### Task details:
Return the records below exactly; pictures stay out.

### Material provided:
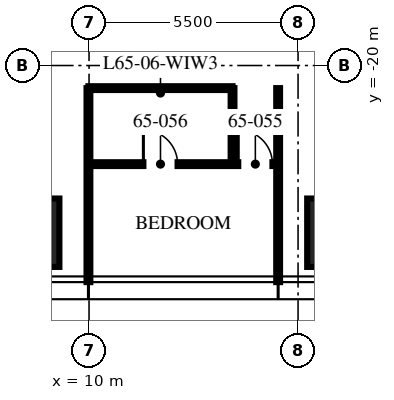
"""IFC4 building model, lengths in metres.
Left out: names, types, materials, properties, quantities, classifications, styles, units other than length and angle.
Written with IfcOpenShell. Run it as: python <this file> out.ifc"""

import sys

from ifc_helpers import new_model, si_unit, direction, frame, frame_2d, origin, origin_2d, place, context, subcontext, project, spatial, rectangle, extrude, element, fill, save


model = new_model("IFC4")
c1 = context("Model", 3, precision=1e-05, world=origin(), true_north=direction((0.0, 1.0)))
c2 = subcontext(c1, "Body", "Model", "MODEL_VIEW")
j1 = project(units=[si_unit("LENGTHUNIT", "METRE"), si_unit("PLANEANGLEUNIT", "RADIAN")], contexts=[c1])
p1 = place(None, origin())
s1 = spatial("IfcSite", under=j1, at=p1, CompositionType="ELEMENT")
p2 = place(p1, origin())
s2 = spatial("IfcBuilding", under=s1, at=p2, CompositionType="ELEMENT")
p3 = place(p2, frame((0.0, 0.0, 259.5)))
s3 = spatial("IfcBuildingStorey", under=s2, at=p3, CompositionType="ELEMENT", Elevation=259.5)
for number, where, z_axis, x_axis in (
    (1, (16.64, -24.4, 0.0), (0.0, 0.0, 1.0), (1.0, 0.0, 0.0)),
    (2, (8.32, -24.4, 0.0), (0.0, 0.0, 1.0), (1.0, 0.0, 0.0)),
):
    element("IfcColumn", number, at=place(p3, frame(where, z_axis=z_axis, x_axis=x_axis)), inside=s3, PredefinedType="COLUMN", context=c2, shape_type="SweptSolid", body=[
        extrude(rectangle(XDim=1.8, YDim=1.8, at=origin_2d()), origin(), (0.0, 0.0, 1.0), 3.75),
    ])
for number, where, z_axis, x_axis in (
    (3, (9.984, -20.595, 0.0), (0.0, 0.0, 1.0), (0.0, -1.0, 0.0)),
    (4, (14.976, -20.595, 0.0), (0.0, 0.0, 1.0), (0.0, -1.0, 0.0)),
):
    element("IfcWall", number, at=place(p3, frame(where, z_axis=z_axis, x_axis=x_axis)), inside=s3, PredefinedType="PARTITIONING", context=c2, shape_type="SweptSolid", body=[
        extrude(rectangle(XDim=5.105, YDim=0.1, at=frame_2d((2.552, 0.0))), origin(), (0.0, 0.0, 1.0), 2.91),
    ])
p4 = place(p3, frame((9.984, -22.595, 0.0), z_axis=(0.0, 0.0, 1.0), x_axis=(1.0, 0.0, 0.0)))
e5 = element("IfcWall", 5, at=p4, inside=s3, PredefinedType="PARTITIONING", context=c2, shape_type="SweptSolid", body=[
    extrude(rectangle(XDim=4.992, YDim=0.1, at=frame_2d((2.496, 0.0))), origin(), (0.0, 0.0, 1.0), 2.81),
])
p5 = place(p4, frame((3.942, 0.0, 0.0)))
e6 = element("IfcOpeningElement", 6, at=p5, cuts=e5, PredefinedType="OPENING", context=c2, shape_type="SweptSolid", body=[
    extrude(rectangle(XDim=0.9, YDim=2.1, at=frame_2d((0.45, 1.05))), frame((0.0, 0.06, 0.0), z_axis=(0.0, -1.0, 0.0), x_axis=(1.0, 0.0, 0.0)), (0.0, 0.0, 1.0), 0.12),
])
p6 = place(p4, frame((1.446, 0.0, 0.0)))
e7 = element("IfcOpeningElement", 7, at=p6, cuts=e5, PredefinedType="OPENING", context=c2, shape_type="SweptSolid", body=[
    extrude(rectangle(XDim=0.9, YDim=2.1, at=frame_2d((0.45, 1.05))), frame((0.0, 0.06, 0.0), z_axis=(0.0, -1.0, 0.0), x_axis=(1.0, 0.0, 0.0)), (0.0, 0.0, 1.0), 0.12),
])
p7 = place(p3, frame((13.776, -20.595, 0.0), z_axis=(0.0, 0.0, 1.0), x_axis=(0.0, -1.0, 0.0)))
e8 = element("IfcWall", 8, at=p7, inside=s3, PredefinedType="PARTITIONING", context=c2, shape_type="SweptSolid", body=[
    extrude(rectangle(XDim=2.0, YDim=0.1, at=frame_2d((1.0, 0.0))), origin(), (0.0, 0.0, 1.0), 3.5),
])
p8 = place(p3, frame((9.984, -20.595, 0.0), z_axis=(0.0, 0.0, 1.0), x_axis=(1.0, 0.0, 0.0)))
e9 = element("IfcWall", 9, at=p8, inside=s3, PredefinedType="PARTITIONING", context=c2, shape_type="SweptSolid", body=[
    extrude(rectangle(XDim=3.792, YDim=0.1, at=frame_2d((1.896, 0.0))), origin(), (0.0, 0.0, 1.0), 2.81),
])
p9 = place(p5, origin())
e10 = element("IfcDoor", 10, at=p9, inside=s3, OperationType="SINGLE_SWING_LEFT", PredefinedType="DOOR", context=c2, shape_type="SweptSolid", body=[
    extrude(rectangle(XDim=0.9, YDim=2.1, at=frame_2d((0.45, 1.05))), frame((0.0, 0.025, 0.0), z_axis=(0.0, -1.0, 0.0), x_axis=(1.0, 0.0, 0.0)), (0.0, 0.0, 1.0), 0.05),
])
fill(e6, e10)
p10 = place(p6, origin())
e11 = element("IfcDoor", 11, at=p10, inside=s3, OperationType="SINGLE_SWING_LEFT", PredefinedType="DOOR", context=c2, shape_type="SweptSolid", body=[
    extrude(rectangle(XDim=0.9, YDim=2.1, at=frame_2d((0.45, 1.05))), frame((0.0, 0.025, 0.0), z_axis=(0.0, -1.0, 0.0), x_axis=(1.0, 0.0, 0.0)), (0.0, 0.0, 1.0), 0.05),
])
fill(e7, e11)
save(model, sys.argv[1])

### Your solution:
"""IFC4 building model, lengths in metres.
Left out: names, types, materials, properties, quantities, classifications, styles, units other than length and angle.
Written with IfcOpenShell. Run it as: python <this file> out.ifc"""

import sys

from ifc_helpers import new_model, si_unit, direction, frame, frame_2d, origin, origin_2d, place, context, subcontext, project, spatial, rectangle, extrude, element, fill, save


model = new_model("IFC4")
c1 = context("Model", 3, precision=1e-05, world=origin(), true_north=direction((0.0, 1.0)))
c2 = subcontext(c1, "Body", "Model", "MODEL_VIEW")
j1 = project(units=[si_unit("LENGTHUNIT", "METRE"), si_unit("PLANEANGLEUNIT", "RADIAN")], contexts=[c1])
p1 = place(None, origin())
s1 = spatial("IfcSite", under=j1, at=p1, CompositionType="ELEMENT")
p2 = place(p1, origin())
s2 = spatial("IfcBuilding", under=s1, at=p2, CompositionType="ELEMENT")
p3 = place(p2, frame((0.0, 0.0, 259.5)))
s3 = spatial("IfcBuildingStorey", under=s2, at=p3, CompositionType="ELEMENT", Elevation=259.5)
for number, where, z_axis, x_axis in (
    (1, (16.64, -24.4, 0.0), (0.0, 0.0, 1.0), (1.0, 0.0, 0.0)),
    (2, (8.32, -24.4, 0.0), (0.0, 0.0, 1.0), (1.0, 0.0, 0.0)),
):
    element("IfcColumn", number, at=place(p3, frame(where, z_axis=z_axis, x_axis=x_axis)), inside=s3, PredefinedType="COLUMN", context=c2, shape_type="SweptSolid", body=[
        extrude(rectangle(XDim=1.8, YDim=1.8, at=origin_2d()), origin(), (0.0, 0.0, 1.0), 3.75),
    ])
for number, where, z_axis, x_axis in (
    (3, (9.984, -20.595, 0.0), (0.0, 0.0, 1.0), (0.0, -1.0, 0.0)),
    (4, (14.976, -20.595, 0.0), (0.0, 0.0, 1.0), (0.0, -1.0, 0.0)),
):
    element("IfcWall", number, at=place(p3, frame(where, z_axis=z_axis, x_axis=x_axis)), inside=s3, PredefinedType="PARTITIONING", context=c2, shape_type="SweptSolid", body=[
        extrude(rectangle(XDim=5.105, YDim=0.1, at=frame_2d((2.552, 0.0))), origin(), (0.0, 0.0, 1.0), 2.91),
    ])
p4 = place(p3, frame((9.984, -22.595, 0.0), z_axis=(0.0, 0.0, 1.0), x_axis=(1.0, 0.0, 0.0)))
e5 = element("IfcWall", 5, at=p4, inside=s3, PredefinedType="PARTITIONING", context=c2, shape_type="SweptSolid", body=[
    extrude(rectangle(XDim=4.992, YDim=0.1, at=frame_2d((2.496, 0.0))), origin(), (0.0, 0.0, 1.0), 2.81),
])
p5 = place(p4, frame((3.942, 0.0, 0.0)))
e6 = element("IfcOpeningElement", 6, at=p5, cuts=e5, PredefinedType="OPENING", context=c2, shape_type="SweptSolid", body=[
    extrude(rectangle(XDim=0.9, YDim=2.1, at=frame_2d((0.45, 1.05))), frame((0.0, 0.06, 0.0), z_axis=(0.0, -1.0, 0.0), x_axis=(1.0, 0.0, 0.0)), (0.0, 0.0, 1.0), 0.12),
])
p6 = place(p4, frame((1.446, 0.0, 0.0)))
e7 = element("IfcOpeningElement", 7, at=p6, cuts=e5, PredefinedType="OPENING", context=c2, shape_type="SweptSolid", body=[
    extrude(rectangle(XDim=0.9, YDim=2.1, at=frame_2d((0.45, 1.05))), frame((0.0, 0.06, 0.0), z_axis=(0.0, -1.0, 0.0), x_axis=(1.0, 0.0, 0.0)), (0.0, 0.0, 1.0), 0.12),
])
p7 = place(p3, frame((13.776, -20.595, 0.0), z_axis=(0.0, 0.0, 1.0), x_axis=(0.0, -1.0, 0.0)))
e8 = element("IfcWall", 8, at=p7, inside=s3, PredefinedType="PARTITIONING", context=c2, shape_type="SweptSolid", body=[
    extrude(rectangle(XDim=2.0, YDim=0.1, at=frame_2d((1.0, 0.0))), origin(), (0.0, 0.0, 1.0), 3.5),
])
p8 = place(p3, frame((9.984, -20.595, 0.0), z_axis=(0.0, 0.0, 1.0), x_axis=(1.0, 0.0, 0.0)))
e9 = element("IfcWall", 9, at=p8, inside=s3, PredefinedType="PARTITIONING", context=c2, shape_type="SweptSolid", body=[
    extrude(rectangle(XDim=3.792, YDim=0.1, at=frame_2d((1.896, 0.0))), origin(), (0.0, 0.0, 1.0), 2.81),
])
p9 = place(p5, origin())
e10 = element("IfcDoor", 10, at=p9, inside=s3, OperationType="SINGLE_SWING_LEFT", PredefinedType="DOOR", context=c2, shape_type="SweptSolid", body=[
    extrude(rectangle(XDim=0.9, YDim=2.1, at=frame_2d((0.45, 1.05))), frame((0.0, 0.025, 0.0), z_axis=(0.0, -1.0, 0.0), x_axis=(1.0, 0.0, 0.0)), (0.0, 0.0, 1.0), 0.05),
])
fill(e6, e10)
p10 = place(p6, origin())
e11 = element("IfcDoor", 11, at=p10, inside=s3, OperationType="SINGLE_SWING_LEFT", PredefinedType="DOOR", context=c2, shape_type="SweptSolid", body=[
    extrude(rectangle(XDim=0.9, YDim=2.1, at=frame_2d((0.45, 1.05))), frame((0.0, 0.025, 0.0), z_axis=(0.0, -1.0, 0.0), x_axis=(1.0, 0.0, 0.0)), (0.0, 0.0, 1.0), 0.05),
])
fill(e7, e11)
save(model, sys.argv[1])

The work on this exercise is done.